- _Your instructions_: The records that follow must be repeated exactly, line by line.

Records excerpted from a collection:
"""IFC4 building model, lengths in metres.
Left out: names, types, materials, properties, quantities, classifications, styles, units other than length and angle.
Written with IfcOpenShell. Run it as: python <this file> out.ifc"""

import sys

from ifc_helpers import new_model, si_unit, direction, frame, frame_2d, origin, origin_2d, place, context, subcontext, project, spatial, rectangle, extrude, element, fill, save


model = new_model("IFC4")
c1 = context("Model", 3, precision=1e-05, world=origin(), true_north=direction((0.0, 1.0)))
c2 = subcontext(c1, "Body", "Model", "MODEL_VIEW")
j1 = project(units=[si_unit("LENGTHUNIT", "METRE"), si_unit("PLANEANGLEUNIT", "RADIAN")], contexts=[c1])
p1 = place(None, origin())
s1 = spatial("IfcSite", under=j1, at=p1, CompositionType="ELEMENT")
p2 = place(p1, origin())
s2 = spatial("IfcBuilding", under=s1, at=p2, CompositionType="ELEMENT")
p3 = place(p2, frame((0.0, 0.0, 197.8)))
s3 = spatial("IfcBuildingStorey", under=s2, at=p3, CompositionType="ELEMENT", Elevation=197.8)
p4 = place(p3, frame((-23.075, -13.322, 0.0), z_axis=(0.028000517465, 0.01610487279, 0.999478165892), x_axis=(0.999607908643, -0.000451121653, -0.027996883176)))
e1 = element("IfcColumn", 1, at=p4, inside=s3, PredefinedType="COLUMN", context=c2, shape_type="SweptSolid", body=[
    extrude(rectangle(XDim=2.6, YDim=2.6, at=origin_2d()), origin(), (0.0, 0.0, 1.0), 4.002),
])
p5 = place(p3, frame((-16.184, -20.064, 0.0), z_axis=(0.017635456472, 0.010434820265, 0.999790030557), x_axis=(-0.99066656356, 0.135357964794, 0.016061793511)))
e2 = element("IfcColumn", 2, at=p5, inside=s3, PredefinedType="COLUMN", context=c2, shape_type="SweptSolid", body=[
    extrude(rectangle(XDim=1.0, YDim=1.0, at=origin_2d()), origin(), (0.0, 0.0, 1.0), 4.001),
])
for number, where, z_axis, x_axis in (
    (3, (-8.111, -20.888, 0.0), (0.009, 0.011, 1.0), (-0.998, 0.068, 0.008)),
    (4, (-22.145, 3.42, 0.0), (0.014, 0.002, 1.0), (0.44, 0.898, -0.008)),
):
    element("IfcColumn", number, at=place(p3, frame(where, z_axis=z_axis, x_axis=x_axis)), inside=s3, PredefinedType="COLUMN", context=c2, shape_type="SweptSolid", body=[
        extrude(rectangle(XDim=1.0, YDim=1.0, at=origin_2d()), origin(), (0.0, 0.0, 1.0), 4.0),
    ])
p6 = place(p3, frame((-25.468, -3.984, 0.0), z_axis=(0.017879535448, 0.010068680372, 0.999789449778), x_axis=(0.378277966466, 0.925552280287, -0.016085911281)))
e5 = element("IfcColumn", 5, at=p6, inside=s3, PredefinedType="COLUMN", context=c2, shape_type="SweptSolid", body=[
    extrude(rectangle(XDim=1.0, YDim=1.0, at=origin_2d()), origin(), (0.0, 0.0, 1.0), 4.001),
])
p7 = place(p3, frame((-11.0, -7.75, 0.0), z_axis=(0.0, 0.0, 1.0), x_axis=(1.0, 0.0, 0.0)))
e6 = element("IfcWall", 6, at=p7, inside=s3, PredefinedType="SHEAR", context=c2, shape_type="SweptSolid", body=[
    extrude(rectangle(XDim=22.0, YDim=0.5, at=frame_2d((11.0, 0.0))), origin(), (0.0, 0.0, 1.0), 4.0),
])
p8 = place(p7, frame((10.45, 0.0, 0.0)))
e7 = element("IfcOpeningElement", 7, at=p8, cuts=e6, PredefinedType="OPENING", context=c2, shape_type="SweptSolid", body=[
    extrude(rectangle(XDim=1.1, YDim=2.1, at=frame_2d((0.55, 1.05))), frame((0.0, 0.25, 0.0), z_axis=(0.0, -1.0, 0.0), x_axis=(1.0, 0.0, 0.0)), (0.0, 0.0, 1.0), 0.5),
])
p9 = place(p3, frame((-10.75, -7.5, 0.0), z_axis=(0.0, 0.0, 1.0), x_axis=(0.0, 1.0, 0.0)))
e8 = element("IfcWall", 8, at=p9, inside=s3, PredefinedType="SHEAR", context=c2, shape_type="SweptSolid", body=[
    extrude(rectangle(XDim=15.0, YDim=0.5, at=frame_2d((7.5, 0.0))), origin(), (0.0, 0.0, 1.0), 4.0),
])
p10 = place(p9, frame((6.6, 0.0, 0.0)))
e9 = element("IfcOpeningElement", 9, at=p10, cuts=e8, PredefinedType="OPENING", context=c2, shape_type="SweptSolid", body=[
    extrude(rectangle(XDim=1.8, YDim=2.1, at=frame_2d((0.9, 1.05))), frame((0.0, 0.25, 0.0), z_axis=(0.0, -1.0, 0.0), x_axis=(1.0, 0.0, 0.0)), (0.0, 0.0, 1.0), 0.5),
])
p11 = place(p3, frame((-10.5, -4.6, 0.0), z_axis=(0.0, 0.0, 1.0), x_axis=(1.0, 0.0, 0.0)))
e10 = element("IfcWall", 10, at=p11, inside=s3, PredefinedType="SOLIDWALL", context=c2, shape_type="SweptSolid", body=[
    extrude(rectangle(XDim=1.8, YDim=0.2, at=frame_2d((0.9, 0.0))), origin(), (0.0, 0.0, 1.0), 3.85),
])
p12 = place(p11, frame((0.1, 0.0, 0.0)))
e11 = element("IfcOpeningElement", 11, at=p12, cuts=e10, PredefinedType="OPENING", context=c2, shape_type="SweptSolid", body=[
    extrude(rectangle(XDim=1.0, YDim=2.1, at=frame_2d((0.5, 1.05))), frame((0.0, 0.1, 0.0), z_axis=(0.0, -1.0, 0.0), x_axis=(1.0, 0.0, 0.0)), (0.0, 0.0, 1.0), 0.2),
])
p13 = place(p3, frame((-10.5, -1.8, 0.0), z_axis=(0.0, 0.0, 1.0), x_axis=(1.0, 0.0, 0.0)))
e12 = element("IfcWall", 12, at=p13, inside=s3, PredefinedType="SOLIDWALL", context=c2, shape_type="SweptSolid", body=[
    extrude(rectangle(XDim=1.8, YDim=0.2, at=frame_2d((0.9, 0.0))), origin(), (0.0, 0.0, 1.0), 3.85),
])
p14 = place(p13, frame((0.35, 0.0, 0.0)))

- _Result of the task_:
"""IFC4 building model, lengths in metres.
Left out: names, types, materials, properties, quantities, classifications, styles, units other than length and angle.
Written with IfcOpenShell. Run it as: python <this file> out.ifc"""

import sys

from ifc_helpers import new_model, si_unit, direction, frame, frame_2d, origin, origin_2d, place, context, subcontext, project, spatial, rectangle, extrude, element, fill, save


model = new_model("IFC4")
c1 = context("Model", 3, precision=1e-05, world=origin(), true_north=direction((0.0, 1.0)))
c2 = subcontext(c1, "Body", "Model", "MODEL_VIEW")
j1 = project(units=[si_unit("LENGTHUNIT", "METRE"), si_unit("PLANEANGLEUNIT", "RADIAN")], contexts=[c1])
p1 = place(None, origin())
s1 = spatial("IfcSite", under=j1, at=p1, CompositionType="ELEMENT")
p2 = place(p1, origin())
s2 = spatial("IfcBuilding", under=s1, at=p2, CompositionType="ELEMENT")
p3 = place(p2, frame((0.0, 0.0, 197.8)))
s3 = spatial("IfcBuildingStorey", under=s2, at=p3, CompositionType="ELEMENT", Elevation=197.8)
p4 = place(p3, frame((-23.075, -13.322, 0.0), z_axis=(0.028000517465, 0.01610487279, 0.999478165892), x_axis=(0.999607908643, -0.000451121653, -0.027996883176)))
e1 = element("IfcColumn", 1, at=p4, inside=s3, PredefinedType="COLUMN", context=c2, shape_type="SweptSolid", body=[
    extrude(rectangle(XDim=2.6, YDim=2.6, at=origin_2d()), origin(), (0.0, 0.0, 1.0), 4.002),
])
p5 = place(p3, frame((-16.184, -20.064, 0.0), z_axis=(0.017635456472, 0.010434820265, 0.999790030557), x_axis=(-0.99066656356, 0.135357964794, 0.016061793511)))
e2 = element("IfcColumn", 2, at=p5, inside=s3, PredefinedType="COLUMN", context=c2, shape_type="SweptSolid", body=[
    extrude(rectangle(XDim=1.0, YDim=1.0, at=origin_2d()), origin(), (0.0, 0.0, 1.0), 4.001),
])
for number, where, z_axis, x_axis in (
    (3, (-8.111, -20.888, 0.0), (0.009, 0.011, 1.0), (-0.998, 0.068, 0.008)),
    (4, (-22.145, 3.42, 0.0), (0.014, 0.002, 1.0), (0.44, 0.898, -0.008)),
):
    element("IfcColumn", number, at=place(p3, frame(where, z_axis=z_axis, x_axis=x_axis)), inside=s3, PredefinedType="COLUMN", context=c2, shape_type="SweptSolid", body=[
        extrude(rectangle(XDim=1.0, YDim=1.0, at=origin_2d()), origin(), (0.0, 0.0, 1.0), 4.0),
    ])
p6 = place(p3, frame((-25.468, -3.984, 0.0), z_axis=(0.017879535448, 0.010068680372, 0.999789449778), x_axis=(0.378277966466, 0.925552280287, -0.016085911281)))
e5 = element("IfcColumn", 5, at=p6, inside=s3, PredefinedType="COLUMN", context=c2, shape_type="SweptSolid", body=[
    extrude(rectangle(XDim=1.0, YDim=1.0, at=origin_2d()), origin(), (0.0, 0.0, 1.0), 4.001),
])
p7 = place(p3, frame((-11.0, -7.75, 0.0), z_axis=(0.0, 0.0, 1.0), x_axis=(1.0, 0.0, 0.0)))
e6 = element("IfcWall", 6, at=p7, inside=s3, PredefinedType="SHEAR", context=c2, shape_type="SweptSolid", body=[
    extrude(rectangle(XDim=22.0, YDim=0.5, at=frame_2d((11.0, 0.0))), origin(), (0.0, 0.0, 1.0), 4.0),
])
p8 = place(p7, frame((10.45, 0.0, 0.0)))
e7 = element("IfcOpeningElement", 7, at=p8, cuts=e6, PredefinedType="OPENING", context=c2, shape_type="SweptSolid", body=[
    extrude(rectangle(XDim=1.1, YDim=2.1, at=frame_2d((0.55, 1.05))), frame((0.0, 0.25, 0.0), z_axis=(0.0, -1.0, 0.0), x_axis=(1.0, 0.0, 0.0)), (0.0, 0.0, 1.0), 0.5),
])
p9 = place(p3, frame((-10.75, -7.5, 0.0), z_axis=(0.0, 0.0, 1.0), x_axis=(0.0, 1.0, 0.0)))
e8 = element("IfcWall", 8, at=p9, inside=s3, PredefinedType="SHEAR", context=c2, shape_type="SweptSolid", body=[
    extrude(rectangle(XDim=15.0, YDim=0.5, at=frame_2d((7.5, 0.0))), origin(), (0.0, 0.0, 1.0), 4.0),
])
p10 = place(p9, frame((6.6, 0.0, 0.0)))
e9 = element("IfcOpeningElement", 9, at=p10, cuts=e8, PredefinedType="OPENING", context=c2, shape_type="SweptSolid", body=[
    extrude(rectangle(XDim=1.8, YDim=2.1, at=frame_2d((0.9, 1.05))), frame((0.0, 0.25, 0.0), z_axis=(0.0, -1.0, 0.0), x_axis=(1.0, 0.0, 0.0)), (0.0, 0.0, 1.0), 0.5),
])
p11 = place(p3, frame((-10.5, -4.6, 0.0), z_axis=(0.0, 0.0, 1.0), x_axis=(1.0, 0.0, 0.0)))
e10 = element("IfcWall", 10, at=p11, inside=s3, PredefinedType="SOLIDWALL", context=c2, shape_type="SweptSolid", body=[
    extrude(rectangle(XDim=1.8, YDim=0.2, at=frame_2d((0.9, 0.0))), origin(), (0.0, 0.0, 1.0), 3.85),
])
p12 = place(p11, frame((0.1, 0.0, 0.0)))
e11 = element("IfcOpeningElement", 11, at=p12, cuts=e10, PredefinedType="OPENING", context=c2, shape_type="SweptSolid", body=[
    extrude(rectangle(XDim=1.0, YDim=2.1, at=frame_2d((0.5, 1.05))), frame((0.0, 0.1, 0.0), z_axis=(0.0, -1.0, 0.0), x_axis=(1.0, 0.0, 0.0)), (0.0, 0.0, 1.0), 0.2),
])
p13 = place(p3, frame((-10.5, -1.8, 0.0), z_axis=(0.0, 0.0, 1.0), x_axis=(1.0, 0.0, 0.0)))
e12 = element("IfcWall", 12, at=p13, inside=s3, PredefinedType="SOLIDWALL", context=c2, shape_type="SweptSolid", body=[
    extrude(rectangle(XDim=1.8, YDim=0.2, at=frame_2d((0.9, 0.0))), origin(), (0.0, 0.0, 1.0), 3.85),
])
p14 = place(p13, frame((0.35, 0.0, 0.0)))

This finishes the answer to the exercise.